What are the lines from the top of the entries below through the line containing "line L0 (400, 215)"? Return them exactly, both ends included, without the pictures.

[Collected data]
____________________

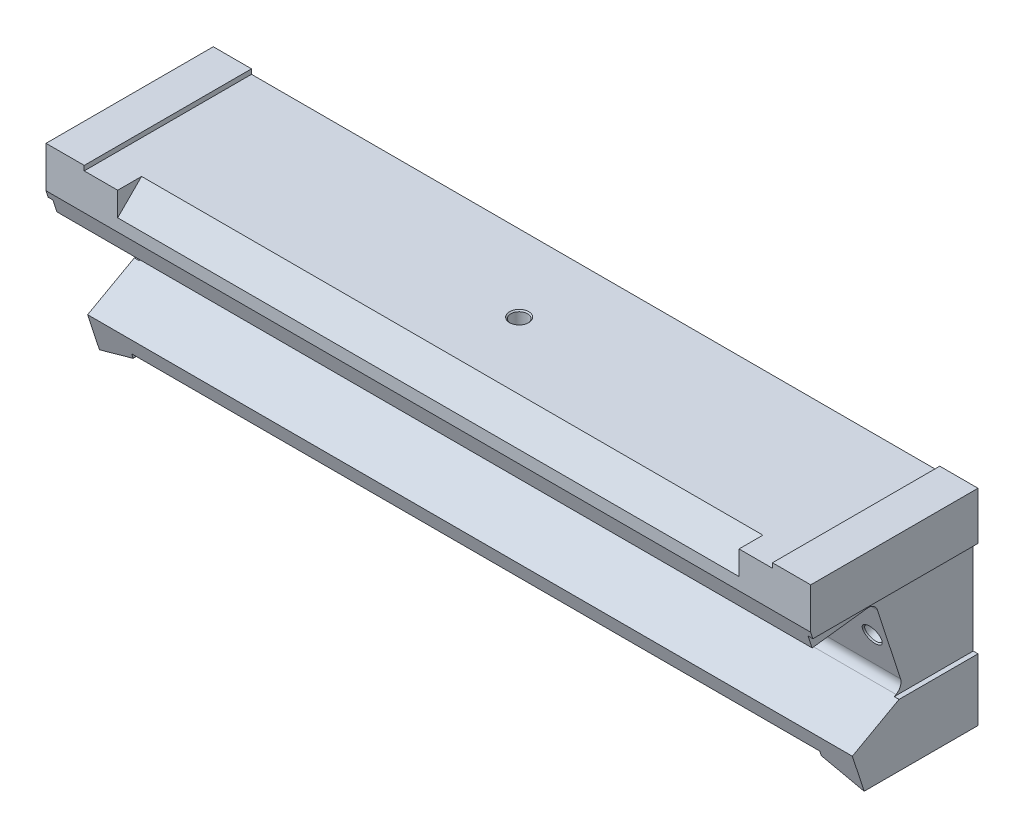
SolidWorks part; units mm, degrees
material "ZG270-500"
ref_plane "Front Plane" through (0, 0, 0) normal (0, 0, 1) x (1, 0, 0)
ref_plane "Top Plane" through (0, 0, 0) normal (0, 1, 0) x (1, 0, 0)
ref_plane "Right Plane" through (0, 0, 0) normal (1, 0, 0) x (0, 0, -1)
sketch "Sketch1" plane through (0, 0, 0) normal (1, 0, 0) x (0, 0, -1)
  line L0 (0, 0) -> (-119.1, 0)
  line L1 (-119.1, 0) -> (-131.4295, 37.9462)
  line L2 (-175, 172.0425) -> (-175, 215)
  line L3 (-175, 215) -> (0, 215)
  line L4 (0, 215) -> (0, 165)
  line L5 (0, 165) -> (-51.7936, 165)
  line L6 (-51.7936, 165) -> (-19.3016, 65)
  line L7 (-19.3016, 65) -> (0, 65)
  line L8 (0, 65) -> (0, 0)
  line L9 (-168.5115, 152.073) -> (-102.7885, 160.1428)
  line L10 (-102.7885, 160.1428) -> (-73.5151, 70.0486)
  line L11 (-73.5151, 70.0486) -> (-131.4295, 37.9462)
  line L12 (-150, 95) -> (-26.3036, 135.1914) construction
  line L13 (-168.5115, 152.073) -> (-175, 172.0425)
  point P17 (-88.1518, 115.0957)
  dimension "D1" = 175
  dimension "D2" = 215
  dimension "D3" = 50
  dimension "D4" = 115
  dimension "D5" = 65
  dimension "D6" = 120
  dimension "D7" = 119.1
  dimension "D8" = 11
  dimension "D9" = 11
  dimension "D10" = 50
  dimension "D11" = 25
  dimension "D12" = 120
  dimension "D13" = 18
extrude "Boss-Extrude1" add sketch "Sketch1" along normal mid plane 800
sketch "Sketch3" plane through (0, 0, 0) normal (0, 0, 1) x (1, 0, 0)
  line L0 (400, 215) -> (-400, 215) construction
  line L1 (360, 210) -> (-360, 210)
  line L2 (360, 210) -> (360, 220)
  line L3 (360, 220) -> (-360, 220)
  line L4 (-360, 210) -> (-360, 220)
  line L5 (360, 210) -> (-360, 220) construction
  line L6 (360, 220) -> (-360, 210) construction
  line L7 (-400, 215) -> (-400, 172.0425) construction
  point P0 (0, 215)
  dimension "D1" = 5
  dimension "D2" = 40
extrude "Cut-Extrude1" cut sketch "Sketch3" along normal through all
sketch "Sketch4" plane through (0, 0, 0) normal (1, 0, 0) x (0, 0, -1)
  line L0 (-175, 215) -> (-175, 185)
  line L1 (-175, 215) -> (-175, 172.0425) construction
  line L2 (-175, 185) -> (-145, 215)
  line L3 (0, 215) -> (-175, 215) construction
  line L4 (-145, 215) -> (-175, 215)
  dimension "D1" = 45
  dimension "D2" = 30
extrude "Cut-Extrude2" cut sketch "Sketch4" against normal mid plane 650
sketch "Sketch6" plane through (0, 0, 0) normal (0, 0, -1) x (-1, 0, 0)
  line L0 (-400, 0) -> (-360, 14.5588)
  line L1 (360, 14.5588) -> (360, 19.5588)
  line L2 (-400, 0) -> (-400, 65) construction
  line L4 (0, 0) -> (0, 24.4492) construction
  line L5 (400, 0) -> (360, 14.5588)
  line L6 (400, 0) -> (-400, 0)
  line L7 (360, 19.5588) -> (-360, 19.5588)
  line L8 (-360, 19.5588) -> (-360, 14.5588)
  dimension "D1" = 40
  dimension "D3" = 5
  dimension "D2" = 70
extrude "Cut-Extrude3" cut sketch "Sketch6" against normal blind 650
sketch "Sketch7" plane through (0, 0, 0) normal (0, 0, 1) x (1, 0, 0)
  line L0 (-400, 37.9462) -> (-400, 0) construction
  line L1 (-405, 165) -> (-395, 165)
  line L2 (-405, 165) -> (-405, 65)
  line L3 (-405, 65) -> (-395, 65)
  line L4 (-395, 165) -> (-395, 65)
  line L5 (-405, 165) -> (-395, 65) construction
  line L6 (-405, 65) -> (-395, 165) construction
  line L7 (-400, 215) -> (-400, 172.0425) construction
  line L8 (-360, 215) -> (-400, 215) construction
  point P0 (-400, 115)
  dimension "D1" = 5
  dimension "D2" = 50
  dimension "D3" = 65
extrude "Cut-Extrude4" cut sketch "Sketch7" along normal blind 650
mirror "Mirror1" about plane through (0, 0, 0) normal (1, 0, 0) of "Cut-Extrude4"
sketch "Sketch8" plane through (0, 0, 0) normal (0, 0, -1) x (-1, 0, 0)
  line L0 (0, 0) -> (0, 260.3656) construction
  line L1 (-400, 165) -> (400, 165) construction
  line L2 (20, 65) -> (-20, 65)
  line L3 (20, 65) -> (20, 165)
  line L4 (20, 165) -> (-20, 165)
  line L5 (-20, 65) -> (-20, 165)
  line L6 (20, 65) -> (-20, 165) construction
  line L7 (20, 165) -> (-20, 65) construction
  line L8 (-395, 65) -> (395, 65) construction
  line L9 (190, 115) -> (-190, 115) construction
  line L10 (-395, 165) -> (395, 165) construction
  line L11 (-170, 65) -> (-210, 65)
  line L12 (-170, 65) -> (-170, 165)
  line L13 (-170, 165) -> (-210, 165)
  line L14 (-210, 65) -> (-210, 165)
  line L15 (-170, 65) -> (-210, 165) construction
  line L16 (-170, 165) -> (-210, 65) construction
  line L18 (210, 65) -> (170, 65)
  line L19 (210, 65) -> (210, 165)
  line L20 (210, 165) -> (170, 165)
  line L21 (170, 65) -> (170, 165)
  line L22 (210, 65) -> (170, 165) construction
  line L23 (210, 165) -> (170, 65) construction
  line L24 (-360, 65) -> (-395, 65)
  line L25 (-360, 65) -> (-360, 165)
  line L26 (-360, 165) -> (-395, 165)
  line L27 (-395, 65) -> (-395, 165)
  line L28 (-360, 65) -> (-395, 165) construction
  line L29 (-360, 165) -> (-395, 65) construction
  line L30 (395, 65) -> (360, 65)
  line L31 (395, 65) -> (395, 165)
  line L32 (395, 165) -> (360, 165)
  line L33 (360, 65) -> (360, 165)
  line L34 (395, 65) -> (360, 165) construction
  line L35 (395, 165) -> (360, 65) construction
  point P3 (0, 115)
  point P15 (0, 115)
  point P25 (-377.5, 115)
  point P30 (377.5, 115)
  dimension "D1" = 40
  dimension "D2" = 40
  dimension "D3" = 40
  dimension "D4" = 150
  dimension "D5" = 150
  dimension "D6" = 35
  dimension "D7" = 150
  dimension "D8" = 35
extrude "Boss-Extrude2" add sketch "Sketch8" against normal up to surface (19.3016 mm away)
sketch "Sketch9" plane through (0, 210, 0) normal (0, 1, 0) x (1, 0, 0)
  line L0 (0, 0) -> (0, -80) construction
  line L1 (-360, 0) -> (360, 0) construction
  dimension "D1" = 80
hole_wizard "M20 Tapped Hole1" positions "3DSketch1" profile "Sketch10" tap size "M20" standard "GB"
sketch3d "3DSketch1"
  point P0 (0, 210, 80)
sketch "Sketch10" plane through (0, 210, 80) normal (1, 0, 0) x (0, 0, 1)
  line L0 (0, 0) -> (0, 50.2575)
  line L1 (0, 50.2575) -> (8.75, 45)
  line L2 (8.75, 45) -> (8.75, 1.275)
  line L3 (8.75, 1.275) -> (10.025, 0)
  line L5 (10.025, 0) -> (0, 0)
  line L6 (-8.75, 1.275) -> (-10.025, 0) construction
  line L10 (0, 50.2575) -> (-8.75, 45) construction
  line L11 (0, -6.35) -> (0, 107.95) construction
  dimension "螺纹孔钻头直径" = 17.5
  dimension "螺纹孔钻头深度" = 45
  dimension "近端锥形沉头孔直径" = 20.05
  dimension "近端锥形沉头孔角度" = 90
  dimension "导头角度" = 118
cosmetic thread "hole cosmetic thread 1" parameters "D1"=40, "D2"=20
sketch "Sketch11" plane through (0, -14.9165, 45.9083) normal (0, -0.309, 0.9511) x (1, 0, 0)
  line L0 (377.5, 136.7029) -> (-377.5, 136.7029) construction
  line L3 (0, 0) -> (0, 136.7029) construction
  point P3 (0, 136.7029)
  dimension "D1" = 755
hole_wizard "M20 Tapped Hole2" positions "3DSketch2" profile "Sketch12" tap size "M20" standard "GB"
sketch3d "3DSketch2"
  point P0 (-377.5, 115.0957, 88.1518)
  point P3 (0, 115.0957, 88.1518)
  point P6 (377.5, 115.0957, 88.1518)
sketch "Sketch12" plane through (-377.5, 115.0957, 88.1518) normal (1, 0, 0) x (0, -0.9511, -0.309)
  line L0 (0, 0) -> (0, 45.2575)
  line L1 (0, 45.2575) -> (8.75, 40)
  line L2 (8.75, 40) -> (8.75, 1.275)
  line L3 (8.75, 1.275) -> (10.025, 0)
  line L5 (10.025, 0) -> (0, 0)
  line L6 (-8.75, 1.275) -> (-10.025, 0) construction
  line L10 (0, 45.2575) -> (-8.75, 40) construction
  line L11 (0, -6.35) -> (0, 107.95) construction
  dimension "螺纹孔钻头直径" = 17.5
  dimension "螺纹孔钻头深度" = 40
  dimension "近端锥形沉头孔直径" = 20.05
  dimension "近端锥形沉头孔角度" = 90
  dimension "导头角度" = 118
cosmetic thread "hole cosmetic thread 2" parameters "D1"=40, "D2"=20
cosmetic thread "hole cosmetic thread 3" parameters "D1"=40, "D2"=20
cosmetic thread "hole cosmetic thread 4" parameters "D1"=40, "D2"=20
fillet "Fillet1" radius 10 2 edges at (0, 70.0486, 73.5151) (0, 160.1428, 102.7885)

____________________

■ Response to this task ■
SolidWorks part; units mm, degrees
material "ZG270-500"
ref_plane "Front Plane" through (0, 0, 0) normal (0, 0, 1) x (1, 0, 0)
ref_plane "Top Plane" through (0, 0, 0) normal (0, 1, 0) x (1, 0, 0)
ref_plane "Right Plane" through (0, 0, 0) normal (1, 0, 0) x (0, 0, -1)
sketch "Sketch1" plane through (0, 0, 0) normal (1, 0, 0) x (0, 0, -1)
  line L0 (0, 0) -> (-119.1, 0)
  line L1 (-119.1, 0) -> (-131.4295, 37.9462)
  line L2 (-175, 172.0425) -> (-175, 215)
  line L3 (-175, 215) -> (0, 215)
  line L4 (0, 215) -> (0, 165)
  line L5 (0, 165) -> (-51.7936, 165)
  line L6 (-51.7936, 165) -> (-19.3016, 65)
  line L7 (-19.3016, 65) -> (0, 65)
  line L8 (0, 65) -> (0, 0)
  line L9 (-168.5115, 152.073) -> (-102.7885, 160.1428)
  line L10 (-102.7885, 160.1428) -> (-73.5151, 70.0486)
  line L11 (-73.5151, 70.0486) -> (-131.4295, 37.9462)
  line L12 (-150, 95) -> (-26.3036, 135.1914) construction
  line L13 (-168.5115, 152.073) -> (-175, 172.0425)
  point P17 (-88.1518, 115.0957)
  dimension "D1" = 175
  dimension "D2" = 215
  dimension "D3" = 50
  dimension "D4" = 115
  dimension "D5" = 65
  dimension "D6" = 120
  dimension "D7" = 119.1
  dimension "D8" = 11
  dimension "D9" = 11
  dimension "D10" = 50
  dimension "D11" = 25
  dimension "D12" = 120
  dimension "D13" = 18
extrude "Boss-Extrude1" add sketch "Sketch1" along normal mid plane 800
sketch "Sketch3" plane through (0, 0, 0) normal (0, 0, 1) x (1, 0, 0)
  line L0 (400, 215) -> (-400, 215) construction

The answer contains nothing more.